■ What is expected
Find the lines below that include the word "CompositionType" and state how many there are, adding nothing.
** Data for analysis follows **
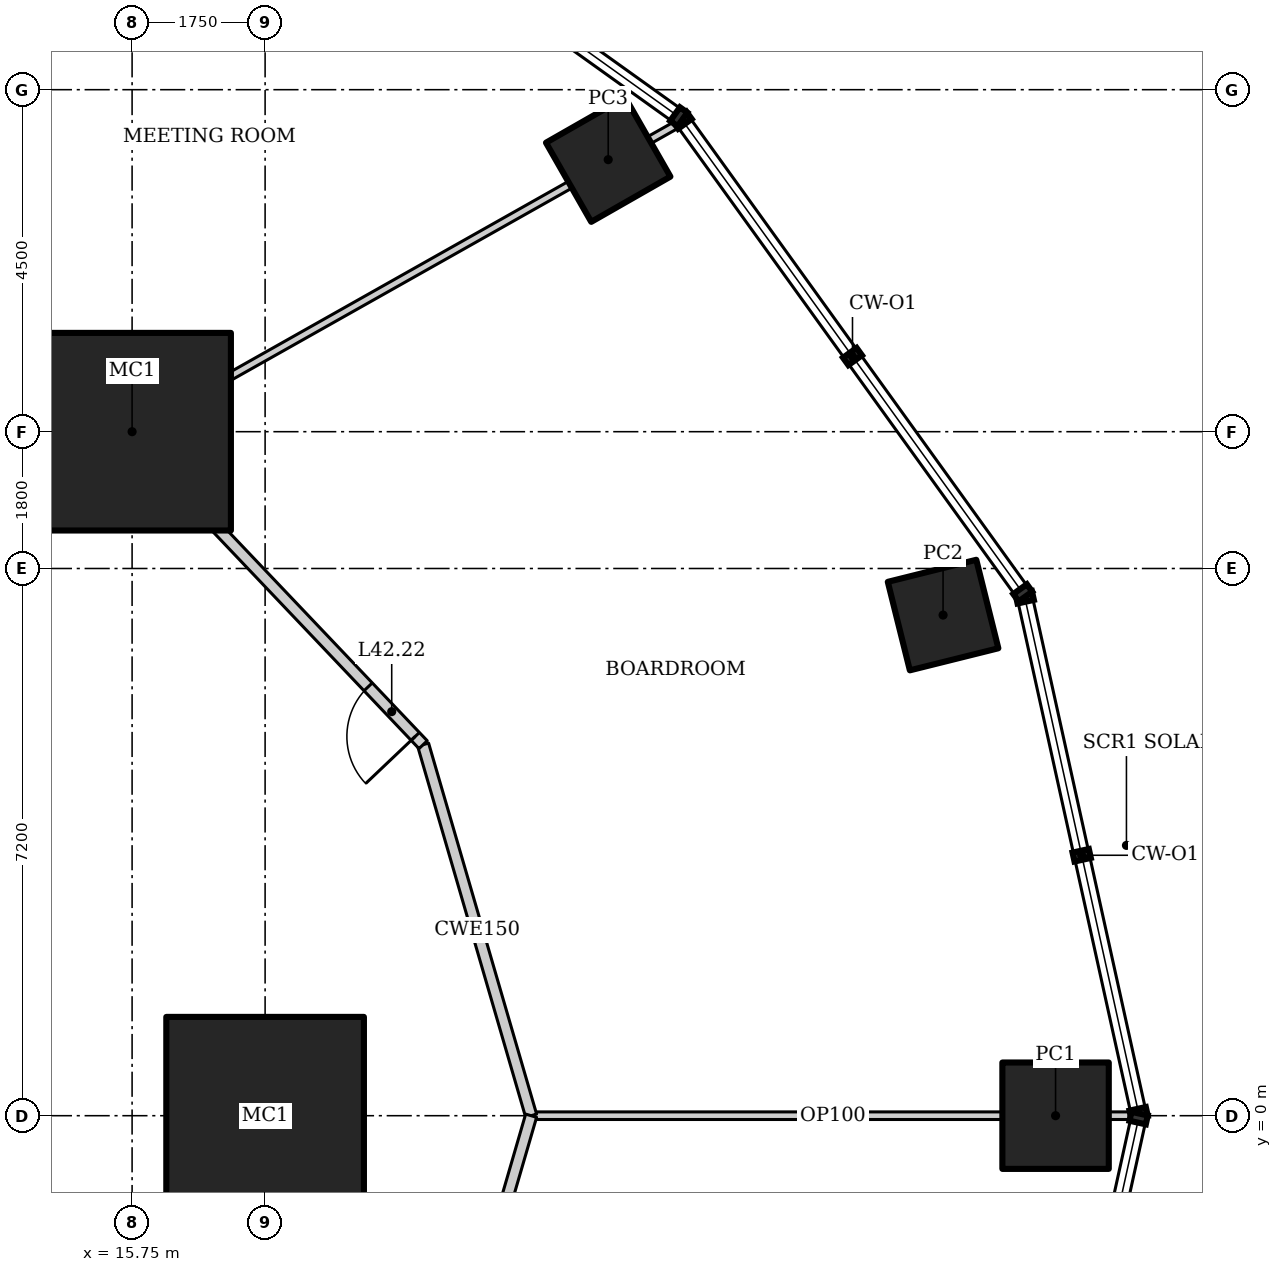
"""IFC4 building model, lengths in metres.
Left out: names, types, materials, properties, quantities, classifications, styles, units other than length and angle.
Written with IfcOpenShell. Run it as: python <this file> out.ifc"""

import sys

from ifc_helpers import new_model, si_unit, direction, frame, frame_2d, origin, origin_2d, place, context, subcontext, project, spatial, rectangle, hollow_rectangle, extrude, element, fill, save


model = new_model("IFC4")
c1 = context("Model", 3, precision=1e-05, world=origin(), true_north=direction((0.0, 1.0)))
c2 = subcontext(c1, "Body", "Model", "MODEL_VIEW")
j1 = project(units=[si_unit("LENGTHUNIT", "METRE"), si_unit("PLANEANGLEUNIT", "RADIAN")], contexts=[c1])
p1 = place(None, origin())
s1 = spatial("IfcSite", under=j1, at=p1, CompositionType="ELEMENT")
p2 = place(p1, origin())
s2 = spatial("IfcBuilding", under=s1, at=p2, CompositionType="ELEMENT")
p3 = place(p2, frame((0.0, 0.0, 180.4)))
s3 = spatial("IfcBuildingStorey", under=s2, at=p3, CompositionType="ELEMENT", Elevation=180.4)
for number, where, z_axis, x_axis in (
    (1, (17.5, 0.0, 0.0), (0.0, 0.0, 1.0), (1.0, 0.0, 0.0)),
    (2, (15.75, 9.0, 0.0), (0.0, 0.0, 1.0), (1.0, 0.0, 0.0)),
):
    element("IfcColumn", number, at=place(p3, frame(where, z_axis=z_axis, x_axis=x_axis)), inside=s3, PredefinedType="COLUMN", context=c2, shape_type="SweptSolid", body=[
        extrude(hollow_rectangle(XDim=2.6, YDim=2.6, WallThickness=0.13, at=origin_2d()), origin(), (0.0, 0.0, 1.0), 4.2),
    ])
p4 = place(p3, frame((27.9, 0.0, 0.0), z_axis=(0.0, 0.0, 1.0), x_axis=(1.0, 0.0, 0.0)))
e3 = element("IfcColumn", 3, at=p4, inside=s3, PredefinedType="COLUMN", context=c2, shape_type="SweptSolid", body=[
    extrude(hollow_rectangle(XDim=1.4, YDim=1.4, WallThickness=0.1, at=origin_2d()), origin(), (0.0, 0.0, 1.0), 4.2),
])
p5 = place(p3, frame((26.42, 6.587, 0.0), z_axis=(0.0, 0.0, 1.0), x_axis=(0.970295726276, 0.2419218956, 0.0)))
e4 = element("IfcColumn", 4, at=p5, inside=s3, PredefinedType="COLUMN", context=c2, shape_type="SweptSolid", body=[
    extrude(hollow_rectangle(XDim=1.2, YDim=1.2, WallThickness=0.1, at=origin_2d()), origin(), (0.0, 0.0, 1.0), 4.2),
])
p6 = place(p3, frame((22.014, 12.579, 0.0), z_axis=(0.0, 0.0, 1.0), x_axis=(0.86824298017, 0.496139221777, 0.0)))
e5 = element("IfcColumn", 5, at=p6, inside=s3, PredefinedType="COLUMN", context=c2, shape_type="SweptSolid", body=[
    extrude(hollow_rectangle(XDim=1.2, YDim=1.2, WallThickness=0.12, at=origin_2d()), origin(), (0.0, 0.0, 1.0), 4.2),
])
p7 = place(p3, frame((28.944, 0.0, 0.0), z_axis=(0.0, 0.0, 1.0), x_axis=(-1.0, 0.0, 0.0)))
e6 = element("IfcWall", 6, at=p7, inside=s3, PredefinedType="PARTITIONING", context=c2, shape_type="SweptSolid", body=[
    extrude(rectangle(XDim=7.944, YDim=0.1, at=frame_2d((3.972, 0.0))), origin(), (0.0, 0.0, 1.0), 3.204),
])
p8 = place(p3, frame((22.949, 13.059, 0.0), z_axis=(0.0, 0.0, 1.0), x_axis=(-0.871079462611, -0.491142107558, 0.0)))
e7 = element("IfcWall", 7, at=p8, inside=s3, PredefinedType="PARTITIONING", context=c2, shape_type="SweptSolid", body=[
    extrude(rectangle(XDim=8.327, YDim=0.1, at=frame_2d((4.164, 0.0))), origin(), (0.0, 0.0, 1.0), 3.451),
])
p9 = place(p3, frame((16.882, 17.414, 0.0), z_axis=(0.0, 0.0, 1.0), x_axis=(-0.698758056249, -0.715358077348, 0.0)))
e8 = element("IfcWall", 8, at=p9, inside=s3, PredefinedType="PARTITIONING", context=c2, shape_type="SweptSolid", body=[
    extrude(rectangle(XDim=8.31, YDim=0.1, at=frame_2d((4.155, 0.0))), origin(), (0.0, 0.0, 1.0), 3.321),
])
p10 = place(p3, frame((21.0, 0.0, 0.0), z_axis=(0.0, 0.0, 1.0), x_axis=(-0.279474430869, 0.960153134917, 0.0)))
e9 = element("IfcWall", 9, at=p10, inside=s3, PredefinedType="PARTITIONING", context=c2, shape_type="SweptSolid", body=[
    extrude(rectangle(XDim=5.084, YDim=0.15, at=frame_2d((2.542, 0.0))), origin(), (0.0, 0.0, 1.0), 4.05),
])
p11 = place(p3, frame((19.579, 4.882, 0.0), z_axis=(0.0, 0.0, 1.0), x_axis=(-0.688797257101, 0.72495402517, 0.0)))
e10 = element("IfcWall", 10, at=p11, inside=s3, PredefinedType="PARTITIONING", context=c2, shape_type="SweptSolid", body=[
    extrude(rectangle(XDim=5.638, YDim=0.15, at=frame_2d((2.819, 0.0))), origin(), (0.0, 0.0, 1.0), 4.05),
])
p12 = place(p11, frame((0.15, 0.0, 0.0)))
e11 = element("IfcOpeningElement", 11, at=p12, cuts=e10, PredefinedType="OPENING", context=c2, shape_type="SweptSolid", body=[
    extrude(rectangle(XDim=0.9, YDim=2.1, at=frame_2d((0.45, 1.05))), frame((0.0, 0.085, 0.0), z_axis=(0.0, -1.0, 0.0), x_axis=(1.0, 0.0, 0.0)), (0.0, 0.0, 1.0), 0.17),
])
p13 = place(p3, frame((15.696, 8.969, 0.0), z_axis=(0.0, 0.0, 1.0), x_axis=(-0.879436285334, 0.476016617397, 0.0)))
e12 = element("IfcWall", 12, at=p13, inside=s3, PredefinedType="PARTITIONING", context=c2, shape_type="SweptSolid", body=[
    extrude(rectangle(XDim=5.253, YDim=0.15, at=frame_2d((2.626, 0.0))), origin(), (0.0, 0.0, 1.0), 4.05),
])
p14 = place(p13, frame((4.203, 0.0, 0.0)))
e13 = element("IfcOpeningElement", 13, at=p14, cuts=e12, PredefinedType="OPENING", context=c2, shape_type="SweptSolid", body=[
    extrude(rectangle(XDim=0.9, YDim=2.1, at=frame_2d((0.45, 1.05))), frame((0.0, 0.085, 0.0), z_axis=(0.0, -1.0, 0.0), x_axis=(1.0, 0.0, 0.0)), (0.0, 0.0, 1.0), 0.17),
])
p15 = place(p3, frame((19.579, -4.882, 0.0), z_axis=(0.0, 0.0, 1.0), x_axis=(0.279474430869, 0.960153134917, 0.0)))
e14 = element("IfcWall", 14, at=p15, inside=s3, PredefinedType="PARTITIONING", context=c2, shape_type="SweptSolid", body=[
    extrude(rectangle(XDim=5.084, YDim=0.15, at=frame_2d((2.542, 0.0))), origin(), (0.0, 0.0, 1.0), 4.05),
])
p16 = place(p12, origin())
e15 = element("IfcDoor", 15, at=p16, inside=s3, OperationType="SINGLE_SWING_LEFT", PredefinedType="DOOR", context=c2, shape_type="SweptSolid", body=[
    extrude(rectangle(XDim=0.9, YDim=2.1, at=frame_2d((0.45, 1.05))), frame((0.0, 0.025, 0.0), z_axis=(0.0, -1.0, 0.0), x_axis=(1.0, 0.0, 0.0)), (0.0, 0.0, 1.0), 0.05),
])
fill(e11, e15)
save(model, sys.argv[1])
** End of Data for analysis **
■ Solution to the problem
3